> _Your assignment_:
Only the lines from the opening of the material through the one containing "#11=VERTEX_POINT('',#10);" should be reproduced, each exactly as it stands.

▼▼▼

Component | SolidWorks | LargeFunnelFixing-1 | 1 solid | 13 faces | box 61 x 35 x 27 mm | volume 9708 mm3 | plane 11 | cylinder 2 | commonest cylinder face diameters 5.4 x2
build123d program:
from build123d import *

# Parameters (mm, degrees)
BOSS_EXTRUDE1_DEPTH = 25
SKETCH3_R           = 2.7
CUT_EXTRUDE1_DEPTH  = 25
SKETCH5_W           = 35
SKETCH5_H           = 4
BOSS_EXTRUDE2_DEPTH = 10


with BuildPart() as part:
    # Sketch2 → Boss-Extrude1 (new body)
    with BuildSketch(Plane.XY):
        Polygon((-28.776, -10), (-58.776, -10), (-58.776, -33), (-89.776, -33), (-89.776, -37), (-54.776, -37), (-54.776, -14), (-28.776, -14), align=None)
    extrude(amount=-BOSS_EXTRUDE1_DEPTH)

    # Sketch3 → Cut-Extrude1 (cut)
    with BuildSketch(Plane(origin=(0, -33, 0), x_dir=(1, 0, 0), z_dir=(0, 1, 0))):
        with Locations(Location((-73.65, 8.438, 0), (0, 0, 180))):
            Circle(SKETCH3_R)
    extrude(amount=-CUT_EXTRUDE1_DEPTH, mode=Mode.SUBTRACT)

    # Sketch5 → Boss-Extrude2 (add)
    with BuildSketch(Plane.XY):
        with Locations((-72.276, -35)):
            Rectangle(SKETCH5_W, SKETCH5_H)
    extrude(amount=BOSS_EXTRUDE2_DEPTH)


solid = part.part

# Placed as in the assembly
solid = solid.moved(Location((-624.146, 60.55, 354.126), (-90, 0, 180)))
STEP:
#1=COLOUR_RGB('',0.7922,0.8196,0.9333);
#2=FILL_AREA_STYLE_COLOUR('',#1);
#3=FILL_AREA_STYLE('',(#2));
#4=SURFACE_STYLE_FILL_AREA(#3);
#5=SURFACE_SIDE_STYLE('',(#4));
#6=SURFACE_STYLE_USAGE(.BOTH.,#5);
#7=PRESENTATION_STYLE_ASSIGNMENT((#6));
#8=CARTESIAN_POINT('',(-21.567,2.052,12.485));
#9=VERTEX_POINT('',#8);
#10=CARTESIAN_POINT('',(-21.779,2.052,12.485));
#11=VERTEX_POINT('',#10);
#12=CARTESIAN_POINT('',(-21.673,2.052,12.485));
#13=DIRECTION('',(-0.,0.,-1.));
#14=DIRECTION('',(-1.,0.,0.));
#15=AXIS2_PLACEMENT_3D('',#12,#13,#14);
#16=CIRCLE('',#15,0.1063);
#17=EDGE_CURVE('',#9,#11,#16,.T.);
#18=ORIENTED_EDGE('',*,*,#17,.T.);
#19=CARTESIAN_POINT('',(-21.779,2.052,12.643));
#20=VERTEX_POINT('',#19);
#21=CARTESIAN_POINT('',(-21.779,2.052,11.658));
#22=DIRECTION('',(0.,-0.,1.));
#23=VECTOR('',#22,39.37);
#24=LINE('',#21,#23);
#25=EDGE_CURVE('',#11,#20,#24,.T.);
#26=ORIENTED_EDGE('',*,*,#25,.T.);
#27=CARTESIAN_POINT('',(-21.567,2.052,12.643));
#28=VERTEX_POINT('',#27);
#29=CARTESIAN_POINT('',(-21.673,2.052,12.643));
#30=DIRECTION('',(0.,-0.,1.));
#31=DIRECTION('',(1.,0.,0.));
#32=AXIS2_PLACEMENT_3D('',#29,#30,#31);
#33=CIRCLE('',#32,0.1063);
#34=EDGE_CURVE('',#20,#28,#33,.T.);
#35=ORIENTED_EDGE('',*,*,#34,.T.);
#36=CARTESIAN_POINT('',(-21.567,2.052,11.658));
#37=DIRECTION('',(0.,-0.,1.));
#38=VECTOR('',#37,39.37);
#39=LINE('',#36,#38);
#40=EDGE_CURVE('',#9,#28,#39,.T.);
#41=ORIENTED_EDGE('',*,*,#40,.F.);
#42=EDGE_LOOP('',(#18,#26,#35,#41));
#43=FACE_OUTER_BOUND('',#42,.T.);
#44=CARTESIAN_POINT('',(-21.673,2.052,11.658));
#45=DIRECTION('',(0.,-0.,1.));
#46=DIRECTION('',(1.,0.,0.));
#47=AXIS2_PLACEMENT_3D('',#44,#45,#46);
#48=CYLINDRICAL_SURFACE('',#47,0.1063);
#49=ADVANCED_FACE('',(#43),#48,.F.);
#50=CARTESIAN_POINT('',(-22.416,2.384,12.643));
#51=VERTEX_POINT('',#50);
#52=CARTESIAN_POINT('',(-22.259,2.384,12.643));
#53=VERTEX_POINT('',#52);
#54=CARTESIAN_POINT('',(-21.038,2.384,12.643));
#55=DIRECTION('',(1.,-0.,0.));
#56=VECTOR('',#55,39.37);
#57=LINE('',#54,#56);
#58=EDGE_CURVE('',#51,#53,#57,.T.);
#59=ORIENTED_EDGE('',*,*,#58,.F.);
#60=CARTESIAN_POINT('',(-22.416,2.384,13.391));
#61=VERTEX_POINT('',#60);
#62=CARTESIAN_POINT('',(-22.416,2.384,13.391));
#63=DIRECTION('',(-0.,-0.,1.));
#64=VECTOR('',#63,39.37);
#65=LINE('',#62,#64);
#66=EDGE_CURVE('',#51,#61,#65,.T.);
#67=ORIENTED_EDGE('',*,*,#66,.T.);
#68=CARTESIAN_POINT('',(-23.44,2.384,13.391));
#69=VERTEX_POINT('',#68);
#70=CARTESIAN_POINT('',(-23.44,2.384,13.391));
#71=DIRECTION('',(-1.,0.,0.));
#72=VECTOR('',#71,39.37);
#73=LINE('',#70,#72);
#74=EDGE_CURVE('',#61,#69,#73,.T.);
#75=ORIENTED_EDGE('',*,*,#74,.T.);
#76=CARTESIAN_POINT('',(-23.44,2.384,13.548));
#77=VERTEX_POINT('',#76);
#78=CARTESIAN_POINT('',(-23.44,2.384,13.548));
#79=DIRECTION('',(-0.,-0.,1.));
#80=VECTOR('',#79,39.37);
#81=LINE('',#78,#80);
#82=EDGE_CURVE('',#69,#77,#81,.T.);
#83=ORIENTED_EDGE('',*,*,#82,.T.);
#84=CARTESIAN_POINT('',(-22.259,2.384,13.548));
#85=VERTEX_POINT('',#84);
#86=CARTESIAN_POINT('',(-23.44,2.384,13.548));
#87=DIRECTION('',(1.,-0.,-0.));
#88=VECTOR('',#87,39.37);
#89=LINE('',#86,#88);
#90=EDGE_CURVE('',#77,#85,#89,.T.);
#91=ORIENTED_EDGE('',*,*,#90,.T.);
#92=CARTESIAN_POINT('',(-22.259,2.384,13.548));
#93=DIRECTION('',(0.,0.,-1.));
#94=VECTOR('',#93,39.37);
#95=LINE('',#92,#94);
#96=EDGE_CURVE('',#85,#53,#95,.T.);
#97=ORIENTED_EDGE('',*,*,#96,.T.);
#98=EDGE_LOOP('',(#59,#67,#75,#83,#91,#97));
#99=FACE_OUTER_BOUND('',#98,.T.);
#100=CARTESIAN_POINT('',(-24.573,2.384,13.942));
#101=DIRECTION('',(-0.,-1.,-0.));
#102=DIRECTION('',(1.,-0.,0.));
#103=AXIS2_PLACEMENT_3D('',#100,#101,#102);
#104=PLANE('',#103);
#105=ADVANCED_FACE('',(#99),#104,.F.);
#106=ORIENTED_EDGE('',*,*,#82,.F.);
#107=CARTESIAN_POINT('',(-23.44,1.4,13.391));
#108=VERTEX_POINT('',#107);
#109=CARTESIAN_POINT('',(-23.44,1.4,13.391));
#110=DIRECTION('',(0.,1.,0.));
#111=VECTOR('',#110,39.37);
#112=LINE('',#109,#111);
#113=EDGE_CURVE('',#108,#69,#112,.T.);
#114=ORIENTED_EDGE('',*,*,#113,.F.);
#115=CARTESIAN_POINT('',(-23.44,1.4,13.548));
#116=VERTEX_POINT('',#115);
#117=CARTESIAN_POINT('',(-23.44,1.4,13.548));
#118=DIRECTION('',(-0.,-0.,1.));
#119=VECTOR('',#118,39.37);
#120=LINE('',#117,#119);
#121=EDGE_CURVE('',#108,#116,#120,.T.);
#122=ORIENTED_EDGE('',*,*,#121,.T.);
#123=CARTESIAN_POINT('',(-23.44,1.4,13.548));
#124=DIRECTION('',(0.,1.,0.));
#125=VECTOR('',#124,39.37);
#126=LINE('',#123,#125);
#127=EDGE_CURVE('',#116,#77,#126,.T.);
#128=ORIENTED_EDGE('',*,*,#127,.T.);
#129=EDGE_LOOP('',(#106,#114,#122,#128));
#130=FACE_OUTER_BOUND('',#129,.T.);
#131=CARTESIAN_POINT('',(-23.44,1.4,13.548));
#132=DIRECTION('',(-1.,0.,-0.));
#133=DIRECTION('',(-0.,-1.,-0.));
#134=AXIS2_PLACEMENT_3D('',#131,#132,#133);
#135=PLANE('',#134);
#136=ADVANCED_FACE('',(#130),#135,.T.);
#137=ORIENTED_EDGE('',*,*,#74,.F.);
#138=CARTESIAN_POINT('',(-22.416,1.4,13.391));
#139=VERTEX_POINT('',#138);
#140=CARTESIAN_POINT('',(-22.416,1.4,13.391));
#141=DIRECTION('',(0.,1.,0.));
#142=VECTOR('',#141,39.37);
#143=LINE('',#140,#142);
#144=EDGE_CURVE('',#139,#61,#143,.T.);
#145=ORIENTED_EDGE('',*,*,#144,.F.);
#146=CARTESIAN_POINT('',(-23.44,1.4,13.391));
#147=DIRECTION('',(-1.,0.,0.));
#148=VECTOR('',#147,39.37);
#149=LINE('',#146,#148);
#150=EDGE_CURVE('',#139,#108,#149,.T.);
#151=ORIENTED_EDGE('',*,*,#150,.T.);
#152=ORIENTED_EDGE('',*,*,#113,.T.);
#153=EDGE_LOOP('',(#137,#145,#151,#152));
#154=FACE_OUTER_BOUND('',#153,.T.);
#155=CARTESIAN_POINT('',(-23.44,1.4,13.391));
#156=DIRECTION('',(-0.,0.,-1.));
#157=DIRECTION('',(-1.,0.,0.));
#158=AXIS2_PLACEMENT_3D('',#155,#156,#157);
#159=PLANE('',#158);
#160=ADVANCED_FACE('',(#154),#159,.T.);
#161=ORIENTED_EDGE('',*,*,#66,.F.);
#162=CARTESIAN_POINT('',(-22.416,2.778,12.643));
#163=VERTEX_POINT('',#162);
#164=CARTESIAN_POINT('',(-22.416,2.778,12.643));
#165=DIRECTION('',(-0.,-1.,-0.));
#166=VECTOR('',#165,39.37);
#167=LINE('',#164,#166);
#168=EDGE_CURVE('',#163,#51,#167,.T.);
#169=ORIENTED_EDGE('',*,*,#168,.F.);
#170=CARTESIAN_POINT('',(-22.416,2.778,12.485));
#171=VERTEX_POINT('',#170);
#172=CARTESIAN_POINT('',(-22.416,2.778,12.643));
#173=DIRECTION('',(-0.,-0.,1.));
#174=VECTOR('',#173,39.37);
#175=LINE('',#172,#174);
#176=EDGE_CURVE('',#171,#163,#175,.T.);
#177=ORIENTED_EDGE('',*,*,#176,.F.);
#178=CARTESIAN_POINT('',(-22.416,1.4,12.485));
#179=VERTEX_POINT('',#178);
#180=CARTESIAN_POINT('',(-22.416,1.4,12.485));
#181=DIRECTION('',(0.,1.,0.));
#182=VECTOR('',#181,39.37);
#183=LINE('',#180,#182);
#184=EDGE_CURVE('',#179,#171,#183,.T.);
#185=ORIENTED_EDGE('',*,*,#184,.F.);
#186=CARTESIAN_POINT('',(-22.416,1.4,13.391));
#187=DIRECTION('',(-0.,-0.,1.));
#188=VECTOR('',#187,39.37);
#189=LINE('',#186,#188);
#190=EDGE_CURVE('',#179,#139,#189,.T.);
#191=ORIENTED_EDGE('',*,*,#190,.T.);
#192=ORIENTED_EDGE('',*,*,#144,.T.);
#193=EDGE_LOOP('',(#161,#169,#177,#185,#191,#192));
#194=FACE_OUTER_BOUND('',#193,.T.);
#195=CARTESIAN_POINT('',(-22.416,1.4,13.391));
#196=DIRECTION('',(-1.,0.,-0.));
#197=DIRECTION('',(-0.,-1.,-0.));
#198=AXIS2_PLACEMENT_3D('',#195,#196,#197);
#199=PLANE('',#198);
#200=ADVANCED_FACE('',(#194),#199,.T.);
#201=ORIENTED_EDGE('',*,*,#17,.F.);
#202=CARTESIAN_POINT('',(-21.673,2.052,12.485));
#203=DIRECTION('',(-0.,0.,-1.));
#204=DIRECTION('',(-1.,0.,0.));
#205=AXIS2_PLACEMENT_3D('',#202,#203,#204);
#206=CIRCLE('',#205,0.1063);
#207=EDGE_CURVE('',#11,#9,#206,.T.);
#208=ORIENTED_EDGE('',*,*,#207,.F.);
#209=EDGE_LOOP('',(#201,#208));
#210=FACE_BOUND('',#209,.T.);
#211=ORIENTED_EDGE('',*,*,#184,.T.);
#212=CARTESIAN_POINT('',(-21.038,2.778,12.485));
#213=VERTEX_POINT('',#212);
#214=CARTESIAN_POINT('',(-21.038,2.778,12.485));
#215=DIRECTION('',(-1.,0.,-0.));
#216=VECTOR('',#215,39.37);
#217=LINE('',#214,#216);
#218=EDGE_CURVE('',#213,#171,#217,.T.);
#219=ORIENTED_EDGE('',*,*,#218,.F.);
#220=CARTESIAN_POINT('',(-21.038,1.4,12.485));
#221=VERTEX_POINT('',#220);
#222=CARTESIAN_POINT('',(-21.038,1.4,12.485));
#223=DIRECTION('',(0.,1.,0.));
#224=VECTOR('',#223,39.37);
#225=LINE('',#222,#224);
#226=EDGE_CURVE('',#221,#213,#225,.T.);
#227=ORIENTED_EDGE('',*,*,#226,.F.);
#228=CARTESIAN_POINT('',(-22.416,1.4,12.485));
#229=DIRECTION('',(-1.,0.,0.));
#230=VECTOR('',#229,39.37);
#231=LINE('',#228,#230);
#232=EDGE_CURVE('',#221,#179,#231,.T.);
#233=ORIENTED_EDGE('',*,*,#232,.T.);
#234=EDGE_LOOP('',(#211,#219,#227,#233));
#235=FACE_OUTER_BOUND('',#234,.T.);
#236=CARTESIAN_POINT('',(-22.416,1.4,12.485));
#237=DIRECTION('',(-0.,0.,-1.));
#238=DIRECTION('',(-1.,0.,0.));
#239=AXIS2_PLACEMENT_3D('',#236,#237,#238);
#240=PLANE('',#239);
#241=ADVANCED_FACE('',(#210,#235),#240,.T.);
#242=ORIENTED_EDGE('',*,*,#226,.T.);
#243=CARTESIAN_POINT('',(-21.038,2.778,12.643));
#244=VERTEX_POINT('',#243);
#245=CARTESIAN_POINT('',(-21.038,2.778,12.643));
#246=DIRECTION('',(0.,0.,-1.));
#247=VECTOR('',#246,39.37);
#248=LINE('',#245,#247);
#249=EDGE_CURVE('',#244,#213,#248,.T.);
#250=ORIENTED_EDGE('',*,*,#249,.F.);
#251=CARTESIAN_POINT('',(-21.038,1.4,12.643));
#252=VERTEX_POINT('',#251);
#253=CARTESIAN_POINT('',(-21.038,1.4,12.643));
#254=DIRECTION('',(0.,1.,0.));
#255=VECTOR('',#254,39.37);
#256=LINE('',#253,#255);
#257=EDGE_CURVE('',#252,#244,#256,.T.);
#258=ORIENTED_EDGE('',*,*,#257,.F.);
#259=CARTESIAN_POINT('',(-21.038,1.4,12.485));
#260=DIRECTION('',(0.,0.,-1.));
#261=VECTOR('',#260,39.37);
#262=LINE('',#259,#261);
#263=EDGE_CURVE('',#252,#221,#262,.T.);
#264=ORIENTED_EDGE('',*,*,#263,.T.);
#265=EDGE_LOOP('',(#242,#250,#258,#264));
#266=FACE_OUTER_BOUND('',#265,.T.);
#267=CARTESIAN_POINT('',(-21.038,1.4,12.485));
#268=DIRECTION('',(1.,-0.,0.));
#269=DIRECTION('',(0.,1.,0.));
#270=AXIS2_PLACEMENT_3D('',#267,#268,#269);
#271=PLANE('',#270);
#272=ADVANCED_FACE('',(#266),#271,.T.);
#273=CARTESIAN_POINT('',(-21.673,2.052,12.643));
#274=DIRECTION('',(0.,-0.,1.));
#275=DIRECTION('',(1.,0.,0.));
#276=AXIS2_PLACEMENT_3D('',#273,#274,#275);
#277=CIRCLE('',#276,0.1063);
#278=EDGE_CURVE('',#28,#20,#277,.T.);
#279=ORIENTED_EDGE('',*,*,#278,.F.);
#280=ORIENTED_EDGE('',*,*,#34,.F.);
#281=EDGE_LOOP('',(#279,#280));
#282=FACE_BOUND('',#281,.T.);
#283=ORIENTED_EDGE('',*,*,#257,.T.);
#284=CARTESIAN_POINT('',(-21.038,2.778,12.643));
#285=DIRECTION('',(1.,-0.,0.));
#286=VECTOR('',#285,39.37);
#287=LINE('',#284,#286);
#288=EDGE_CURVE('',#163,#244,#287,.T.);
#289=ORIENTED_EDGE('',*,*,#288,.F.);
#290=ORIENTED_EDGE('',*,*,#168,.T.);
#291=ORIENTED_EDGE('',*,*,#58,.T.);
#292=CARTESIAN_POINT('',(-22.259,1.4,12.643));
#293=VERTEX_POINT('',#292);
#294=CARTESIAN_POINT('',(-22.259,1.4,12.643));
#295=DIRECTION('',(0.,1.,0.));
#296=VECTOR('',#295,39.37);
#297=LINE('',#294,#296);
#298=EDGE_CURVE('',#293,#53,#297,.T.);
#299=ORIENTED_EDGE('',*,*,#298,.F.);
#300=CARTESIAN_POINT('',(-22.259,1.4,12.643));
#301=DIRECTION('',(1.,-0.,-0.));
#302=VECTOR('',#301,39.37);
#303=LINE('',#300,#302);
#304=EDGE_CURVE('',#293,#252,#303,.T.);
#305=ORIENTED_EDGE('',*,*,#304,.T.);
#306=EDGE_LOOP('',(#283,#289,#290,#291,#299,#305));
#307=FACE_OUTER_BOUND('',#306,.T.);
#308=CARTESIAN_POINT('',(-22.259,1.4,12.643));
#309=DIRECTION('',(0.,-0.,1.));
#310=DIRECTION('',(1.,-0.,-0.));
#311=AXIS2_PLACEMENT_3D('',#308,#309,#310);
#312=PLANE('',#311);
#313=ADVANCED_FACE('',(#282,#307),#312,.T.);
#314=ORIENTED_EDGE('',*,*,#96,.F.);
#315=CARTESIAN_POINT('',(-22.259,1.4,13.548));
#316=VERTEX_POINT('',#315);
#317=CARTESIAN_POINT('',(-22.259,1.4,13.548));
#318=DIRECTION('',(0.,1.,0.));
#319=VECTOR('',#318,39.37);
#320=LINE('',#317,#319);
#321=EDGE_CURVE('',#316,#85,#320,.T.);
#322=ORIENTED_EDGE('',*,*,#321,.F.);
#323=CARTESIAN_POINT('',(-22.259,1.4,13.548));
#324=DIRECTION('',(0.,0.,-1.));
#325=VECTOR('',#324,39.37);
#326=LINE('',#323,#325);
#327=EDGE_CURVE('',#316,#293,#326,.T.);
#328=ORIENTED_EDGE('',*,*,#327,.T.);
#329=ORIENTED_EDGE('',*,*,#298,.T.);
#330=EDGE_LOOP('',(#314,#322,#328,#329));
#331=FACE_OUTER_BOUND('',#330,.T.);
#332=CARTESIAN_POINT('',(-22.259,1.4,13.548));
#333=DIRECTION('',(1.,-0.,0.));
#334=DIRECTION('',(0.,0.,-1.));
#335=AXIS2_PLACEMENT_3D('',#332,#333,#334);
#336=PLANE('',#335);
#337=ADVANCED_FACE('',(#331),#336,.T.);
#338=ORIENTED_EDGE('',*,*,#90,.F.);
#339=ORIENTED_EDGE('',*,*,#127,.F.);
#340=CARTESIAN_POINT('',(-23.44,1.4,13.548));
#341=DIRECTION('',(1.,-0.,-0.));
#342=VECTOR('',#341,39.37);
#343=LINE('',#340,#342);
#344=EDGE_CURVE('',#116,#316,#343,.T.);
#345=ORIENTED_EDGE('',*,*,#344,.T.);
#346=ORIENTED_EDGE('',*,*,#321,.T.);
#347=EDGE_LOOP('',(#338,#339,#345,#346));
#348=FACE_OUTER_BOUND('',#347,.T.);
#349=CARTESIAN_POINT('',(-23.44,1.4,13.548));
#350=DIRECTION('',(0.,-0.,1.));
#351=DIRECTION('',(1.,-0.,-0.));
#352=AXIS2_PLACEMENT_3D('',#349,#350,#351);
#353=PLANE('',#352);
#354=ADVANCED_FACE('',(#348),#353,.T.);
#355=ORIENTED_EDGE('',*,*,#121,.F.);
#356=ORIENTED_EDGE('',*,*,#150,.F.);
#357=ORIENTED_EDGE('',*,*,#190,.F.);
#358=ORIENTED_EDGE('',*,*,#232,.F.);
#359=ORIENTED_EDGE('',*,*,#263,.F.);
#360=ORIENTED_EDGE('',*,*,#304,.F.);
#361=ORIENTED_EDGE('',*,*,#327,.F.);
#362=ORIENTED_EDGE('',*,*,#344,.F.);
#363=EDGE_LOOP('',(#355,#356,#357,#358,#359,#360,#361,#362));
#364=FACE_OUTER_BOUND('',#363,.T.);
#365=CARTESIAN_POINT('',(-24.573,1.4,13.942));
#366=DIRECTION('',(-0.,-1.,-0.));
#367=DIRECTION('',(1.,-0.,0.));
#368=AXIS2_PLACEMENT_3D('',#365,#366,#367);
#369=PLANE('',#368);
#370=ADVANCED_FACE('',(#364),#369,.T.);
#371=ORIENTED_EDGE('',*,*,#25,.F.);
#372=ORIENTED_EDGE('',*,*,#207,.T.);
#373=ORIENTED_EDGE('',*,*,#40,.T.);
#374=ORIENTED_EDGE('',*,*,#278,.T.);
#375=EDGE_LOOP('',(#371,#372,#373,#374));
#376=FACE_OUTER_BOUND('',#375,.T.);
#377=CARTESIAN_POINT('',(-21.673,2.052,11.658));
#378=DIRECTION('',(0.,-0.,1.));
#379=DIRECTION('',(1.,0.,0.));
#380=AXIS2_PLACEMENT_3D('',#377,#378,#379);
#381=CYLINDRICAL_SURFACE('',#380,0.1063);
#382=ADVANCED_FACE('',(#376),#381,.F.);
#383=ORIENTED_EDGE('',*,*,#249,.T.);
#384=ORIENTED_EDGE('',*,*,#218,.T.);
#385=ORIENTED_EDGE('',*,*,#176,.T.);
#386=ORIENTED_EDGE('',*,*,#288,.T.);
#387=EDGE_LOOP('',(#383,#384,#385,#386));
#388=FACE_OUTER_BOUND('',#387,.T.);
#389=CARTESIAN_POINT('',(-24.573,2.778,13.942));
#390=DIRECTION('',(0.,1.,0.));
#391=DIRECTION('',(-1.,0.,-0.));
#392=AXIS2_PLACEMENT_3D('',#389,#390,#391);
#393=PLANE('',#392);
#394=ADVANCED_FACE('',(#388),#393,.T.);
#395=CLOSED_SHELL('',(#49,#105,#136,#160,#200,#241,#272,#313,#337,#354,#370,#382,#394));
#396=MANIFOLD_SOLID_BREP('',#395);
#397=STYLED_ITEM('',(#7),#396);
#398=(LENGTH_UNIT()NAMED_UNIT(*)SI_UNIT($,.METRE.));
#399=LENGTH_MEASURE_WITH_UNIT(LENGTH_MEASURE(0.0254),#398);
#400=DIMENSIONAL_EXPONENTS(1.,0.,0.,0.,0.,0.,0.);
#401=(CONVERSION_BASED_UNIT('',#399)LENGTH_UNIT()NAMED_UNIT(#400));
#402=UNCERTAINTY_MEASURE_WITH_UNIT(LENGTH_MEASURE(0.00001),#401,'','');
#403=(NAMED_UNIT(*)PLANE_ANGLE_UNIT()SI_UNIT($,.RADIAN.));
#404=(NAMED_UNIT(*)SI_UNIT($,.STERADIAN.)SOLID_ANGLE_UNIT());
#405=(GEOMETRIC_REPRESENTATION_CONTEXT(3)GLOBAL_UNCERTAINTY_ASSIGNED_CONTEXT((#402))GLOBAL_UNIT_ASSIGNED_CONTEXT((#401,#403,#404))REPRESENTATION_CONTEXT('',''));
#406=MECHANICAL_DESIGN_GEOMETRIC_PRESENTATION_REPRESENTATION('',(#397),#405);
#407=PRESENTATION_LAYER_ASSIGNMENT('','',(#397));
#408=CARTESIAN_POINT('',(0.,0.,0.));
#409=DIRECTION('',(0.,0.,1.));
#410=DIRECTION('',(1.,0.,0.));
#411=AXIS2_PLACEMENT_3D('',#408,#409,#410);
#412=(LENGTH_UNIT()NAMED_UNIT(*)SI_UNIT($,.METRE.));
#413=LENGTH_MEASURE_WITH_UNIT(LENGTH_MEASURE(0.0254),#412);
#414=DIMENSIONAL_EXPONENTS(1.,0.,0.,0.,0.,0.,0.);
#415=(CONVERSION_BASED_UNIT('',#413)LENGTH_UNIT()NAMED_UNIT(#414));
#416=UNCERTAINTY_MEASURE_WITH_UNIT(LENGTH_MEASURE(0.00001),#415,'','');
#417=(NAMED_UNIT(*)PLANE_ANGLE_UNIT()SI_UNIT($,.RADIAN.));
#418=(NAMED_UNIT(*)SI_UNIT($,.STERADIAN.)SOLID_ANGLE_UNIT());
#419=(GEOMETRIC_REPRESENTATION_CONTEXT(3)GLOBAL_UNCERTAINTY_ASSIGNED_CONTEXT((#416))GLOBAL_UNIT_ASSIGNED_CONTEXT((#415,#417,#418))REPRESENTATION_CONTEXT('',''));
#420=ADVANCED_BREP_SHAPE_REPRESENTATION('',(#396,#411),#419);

▲▲▲

> _Your solution_:
Component | SolidWorks | LargeFunnelFixing-1 | 1 solid | 13 faces | box 61 x 35 x 27 mm | volume 9708 mm3 | plane 11 | cylinder 2 | commonest cylinder face diameters 5.4 x2
build123d program:
from build123d import *

# Parameters (mm, degrees)
BOSS_EXTRUDE1_DEPTH = 25
SKETCH3_R           = 2.7
CUT_EXTRUDE1_DEPTH  = 25
SKETCH5_W           = 35
SKETCH5_H           = 4
BOSS_EXTRUDE2_DEPTH = 10


with BuildPart() as part:
    # Sketch2 → Boss-Extrude1 (new body)
    with BuildSketch(Plane.XY):
        Polygon((-28.776, -10), (-58.776, -10), (-58.776, -33), (-89.776, -33), (-89.776, -37), (-54.776, -37), (-54.776, -14), (-28.776, -14), align=None)
    extrude(amount=-BOSS_EXTRUDE1_DEPTH)

    # Sketch3 → Cut-Extrude1 (cut)
    with BuildSketch(Plane(origin=(0, -33, 0), x_dir=(1, 0, 0), z_dir=(0, 1, 0))):
        with Locations(Location((-73.65, 8.438, 0), (0, 0, 180))):
            Circle(SKETCH3_R)
    extrude(amount=-CUT_EXTRUDE1_DEPTH, mode=Mode.SUBTRACT)

    # Sketch5 → Boss-Extrude2 (add)
    with BuildSketch(Plane.XY):
        with Locations((-72.276, -35)):
            Rectangle(SKETCH5_W, SKETCH5_H)
    extrude(amount=BOSS_EXTRUDE2_DEPTH)


solid = part.part

# Placed as in the assembly
solid = solid.moved(Location((-624.146, 60.55, 354.126), (-90, 0, 180)))
STEP:
#1=COLOUR_RGB('',0.7922,0.8196,0.9333);
#2=FILL_AREA_STYLE_COLOUR('',#1);
#3=FILL_AREA_STYLE('',(#2));
#4=SURFACE_STYLE_FILL_AREA(#3);
#5=SURFACE_SIDE_STYLE('',(#4));
#6=SURFACE_STYLE_USAGE(.BOTH.,#5);
#7=PRESENTATION_STYLE_ASSIGNMENT((#6));
#8=CARTESIAN_POINT('',(-21.567,2.052,12.485));
#9=VERTEX_POINT('',#8);
#10=CARTESIAN_POINT('',(-21.779,2.052,12.485));
#11=VERTEX_POINT('',#10);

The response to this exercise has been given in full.